> **Task to complete**: In the entries below, find the line with "p3 = place(p2, frame((0.0, 0.0, 83.8)))" and the line with "x_axis=(0.496139221777, 0.86824298017, 0.0)))". Return those two lines and all lines between them, exactly.

> **Source data**:
**********

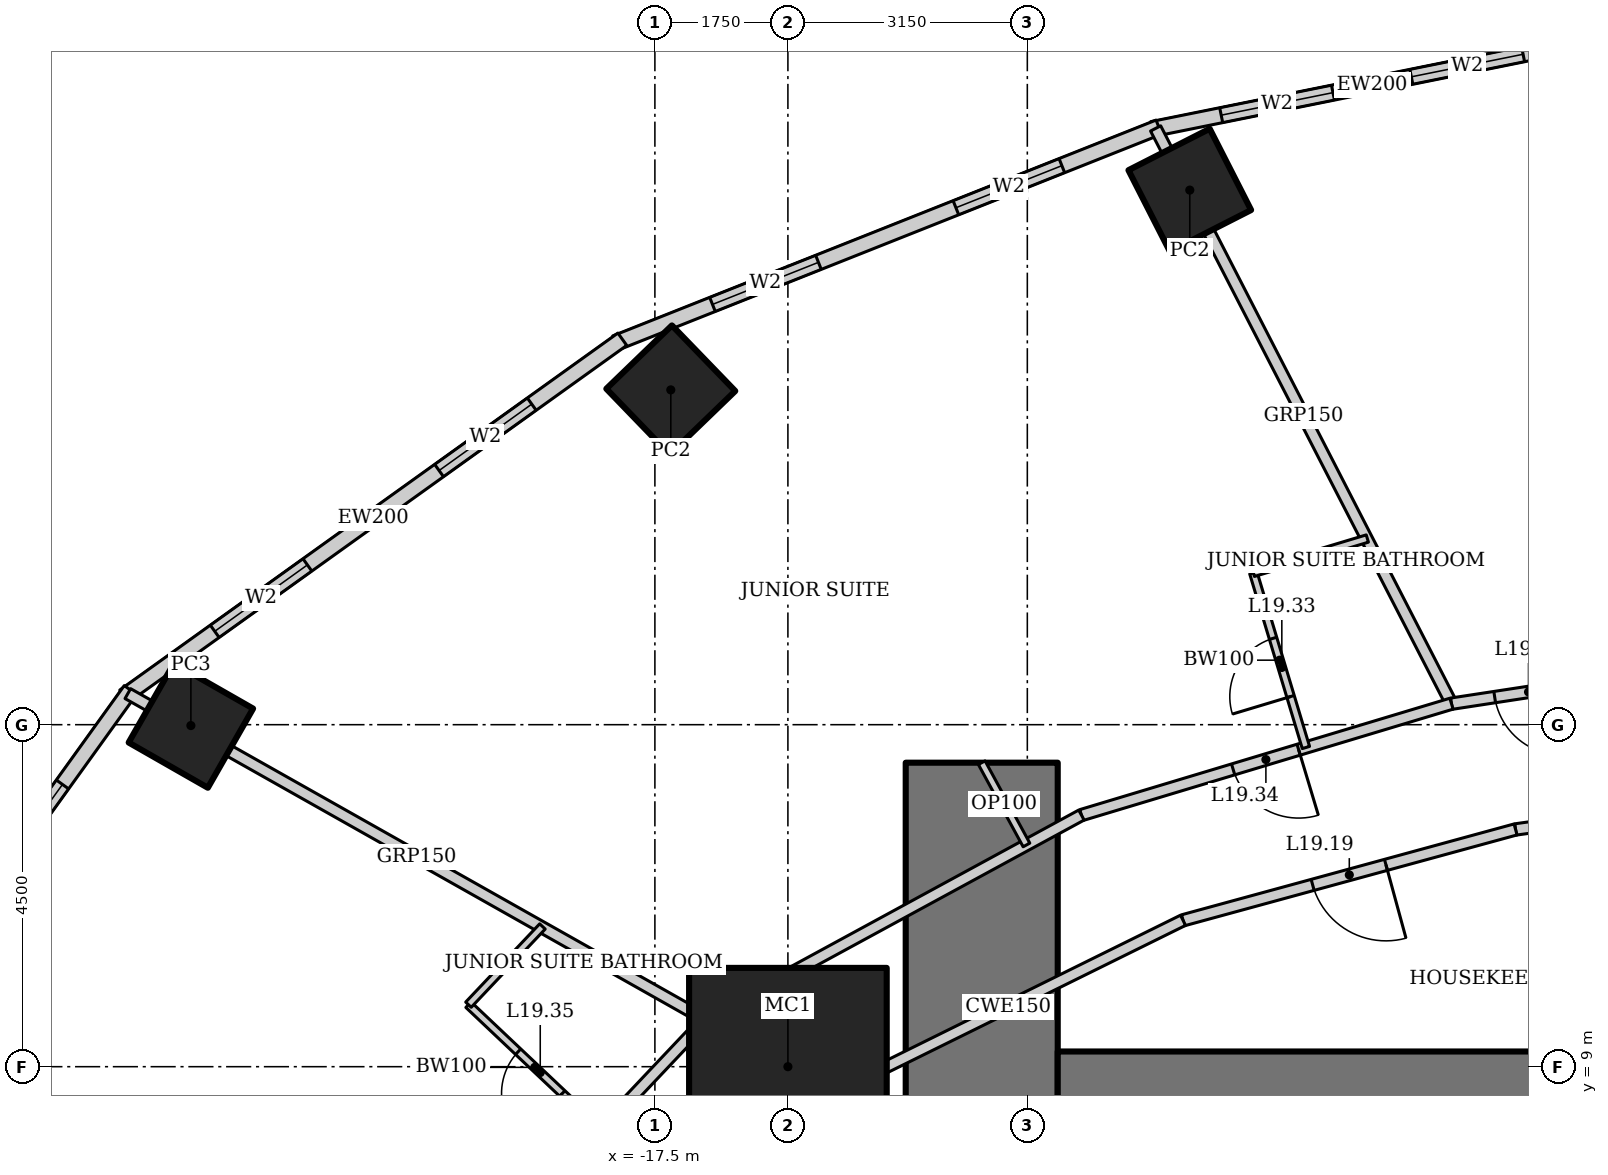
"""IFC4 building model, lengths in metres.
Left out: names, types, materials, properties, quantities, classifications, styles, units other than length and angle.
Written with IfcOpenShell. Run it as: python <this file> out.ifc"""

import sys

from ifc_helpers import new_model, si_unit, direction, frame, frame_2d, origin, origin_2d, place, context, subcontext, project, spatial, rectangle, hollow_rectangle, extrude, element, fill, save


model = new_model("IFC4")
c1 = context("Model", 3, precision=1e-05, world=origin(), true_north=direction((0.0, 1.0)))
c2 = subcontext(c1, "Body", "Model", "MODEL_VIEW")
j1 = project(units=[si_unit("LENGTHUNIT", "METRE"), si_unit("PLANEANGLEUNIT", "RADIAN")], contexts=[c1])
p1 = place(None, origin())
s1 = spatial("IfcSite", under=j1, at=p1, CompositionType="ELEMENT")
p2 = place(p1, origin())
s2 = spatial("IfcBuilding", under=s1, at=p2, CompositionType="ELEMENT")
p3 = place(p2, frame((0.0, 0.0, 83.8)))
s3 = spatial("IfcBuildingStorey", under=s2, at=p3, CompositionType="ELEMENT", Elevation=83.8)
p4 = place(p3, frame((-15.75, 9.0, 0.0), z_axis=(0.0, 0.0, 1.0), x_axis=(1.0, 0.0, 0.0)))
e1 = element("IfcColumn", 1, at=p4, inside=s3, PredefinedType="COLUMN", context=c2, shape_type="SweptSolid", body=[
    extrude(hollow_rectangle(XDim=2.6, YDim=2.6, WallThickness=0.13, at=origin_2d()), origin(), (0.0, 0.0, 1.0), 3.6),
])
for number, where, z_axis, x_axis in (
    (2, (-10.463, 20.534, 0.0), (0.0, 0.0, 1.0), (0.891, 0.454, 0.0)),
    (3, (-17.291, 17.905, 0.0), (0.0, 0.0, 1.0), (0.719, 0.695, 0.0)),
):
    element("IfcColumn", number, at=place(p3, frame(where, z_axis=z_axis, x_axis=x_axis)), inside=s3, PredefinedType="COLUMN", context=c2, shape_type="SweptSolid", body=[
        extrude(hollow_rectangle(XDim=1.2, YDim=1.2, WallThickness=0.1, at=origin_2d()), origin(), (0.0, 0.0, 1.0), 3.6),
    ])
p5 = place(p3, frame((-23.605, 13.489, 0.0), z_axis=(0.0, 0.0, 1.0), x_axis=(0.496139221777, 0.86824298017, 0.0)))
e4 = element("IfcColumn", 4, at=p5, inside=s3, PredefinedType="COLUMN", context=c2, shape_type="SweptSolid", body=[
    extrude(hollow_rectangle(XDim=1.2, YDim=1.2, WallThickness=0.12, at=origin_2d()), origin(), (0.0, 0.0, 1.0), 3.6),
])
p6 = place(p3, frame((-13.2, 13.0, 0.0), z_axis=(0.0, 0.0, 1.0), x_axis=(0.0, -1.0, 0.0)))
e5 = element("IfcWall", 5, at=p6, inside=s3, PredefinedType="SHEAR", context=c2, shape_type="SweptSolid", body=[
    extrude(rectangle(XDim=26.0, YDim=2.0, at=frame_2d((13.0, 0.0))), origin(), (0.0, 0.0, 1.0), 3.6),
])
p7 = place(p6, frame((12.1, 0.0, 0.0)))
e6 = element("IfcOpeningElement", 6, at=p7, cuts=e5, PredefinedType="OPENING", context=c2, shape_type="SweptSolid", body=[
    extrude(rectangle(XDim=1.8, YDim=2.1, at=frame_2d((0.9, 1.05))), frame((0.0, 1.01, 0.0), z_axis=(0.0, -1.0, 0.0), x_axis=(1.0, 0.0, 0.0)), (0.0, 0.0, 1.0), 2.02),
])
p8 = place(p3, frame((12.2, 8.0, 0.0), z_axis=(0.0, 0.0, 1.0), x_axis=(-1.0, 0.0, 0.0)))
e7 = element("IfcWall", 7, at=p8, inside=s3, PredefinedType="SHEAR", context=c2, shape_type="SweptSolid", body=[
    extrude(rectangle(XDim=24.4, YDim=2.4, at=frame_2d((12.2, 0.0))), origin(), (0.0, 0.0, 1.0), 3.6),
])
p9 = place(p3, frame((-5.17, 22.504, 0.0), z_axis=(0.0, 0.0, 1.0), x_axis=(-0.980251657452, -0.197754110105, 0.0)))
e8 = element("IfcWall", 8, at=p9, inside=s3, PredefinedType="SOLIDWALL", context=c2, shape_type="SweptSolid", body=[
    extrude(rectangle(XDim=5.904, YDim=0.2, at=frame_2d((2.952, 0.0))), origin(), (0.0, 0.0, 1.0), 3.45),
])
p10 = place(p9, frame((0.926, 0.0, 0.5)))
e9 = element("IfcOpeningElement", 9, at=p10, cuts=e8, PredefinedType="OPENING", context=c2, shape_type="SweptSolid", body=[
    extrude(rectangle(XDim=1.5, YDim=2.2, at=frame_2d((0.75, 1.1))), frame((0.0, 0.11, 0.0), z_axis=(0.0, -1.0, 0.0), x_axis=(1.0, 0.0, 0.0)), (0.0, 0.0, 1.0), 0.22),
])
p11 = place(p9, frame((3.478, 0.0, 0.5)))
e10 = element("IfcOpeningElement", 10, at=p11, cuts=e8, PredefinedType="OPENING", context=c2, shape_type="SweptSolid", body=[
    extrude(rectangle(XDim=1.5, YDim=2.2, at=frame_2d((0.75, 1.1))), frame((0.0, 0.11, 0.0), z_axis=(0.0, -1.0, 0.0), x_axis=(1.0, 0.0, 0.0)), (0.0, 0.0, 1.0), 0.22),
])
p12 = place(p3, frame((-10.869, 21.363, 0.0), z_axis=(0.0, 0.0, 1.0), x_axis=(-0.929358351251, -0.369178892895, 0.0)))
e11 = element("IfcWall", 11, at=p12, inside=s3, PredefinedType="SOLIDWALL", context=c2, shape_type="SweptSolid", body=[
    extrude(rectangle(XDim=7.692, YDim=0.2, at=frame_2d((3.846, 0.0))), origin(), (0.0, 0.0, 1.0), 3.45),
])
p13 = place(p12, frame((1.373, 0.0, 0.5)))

**********

> **Answer box**:
p3 = place(p2, frame((0.0, 0.0, 83.8)))
s3 = spatial("IfcBuildingStorey", under=s2, at=p3, CompositionType="ELEMENT", Elevation=83.8)
p4 = place(p3, frame((-15.75, 9.0, 0.0), z_axis=(0.0, 0.0, 1.0), x_axis=(1.0, 0.0, 0.0)))
e1 = element("IfcColumn", 1, at=p4, inside=s3, PredefinedType="COLUMN", context=c2, shape_type="SweptSolid", body=[
    extrude(hollow_rectangle(XDim=2.6, YDim=2.6, WallThickness=0.13, at=origin_2d()), origin(), (0.0, 0.0, 1.0), 3.6),
])
for number, where, z_axis, x_axis in (
    (2, (-10.463, 20.534, 0.0), (0.0, 0.0, 1.0), (0.891, 0.454, 0.0)),
    (3, (-17.291, 17.905, 0.0), (0.0, 0.0, 1.0), (0.719, 0.695, 0.0)),
):
    element("IfcColumn", number, at=place(p3, frame(where, z_axis=z_axis, x_axis=x_axis)), inside=s3, PredefinedType="COLUMN", context=c2, shape_type="SweptSolid", body=[
        extrude(hollow_rectangle(XDim=1.2, YDim=1.2, WallThickness=0.1, at=origin_2d()), origin(), (0.0, 0.0, 1.0), 3.6),
    ])
p5 = place(p3, frame((-23.605, 13.489, 0.0), z_axis=(0.0, 0.0, 1.0), x_axis=(0.496139221777, 0.86824298017, 0.0)))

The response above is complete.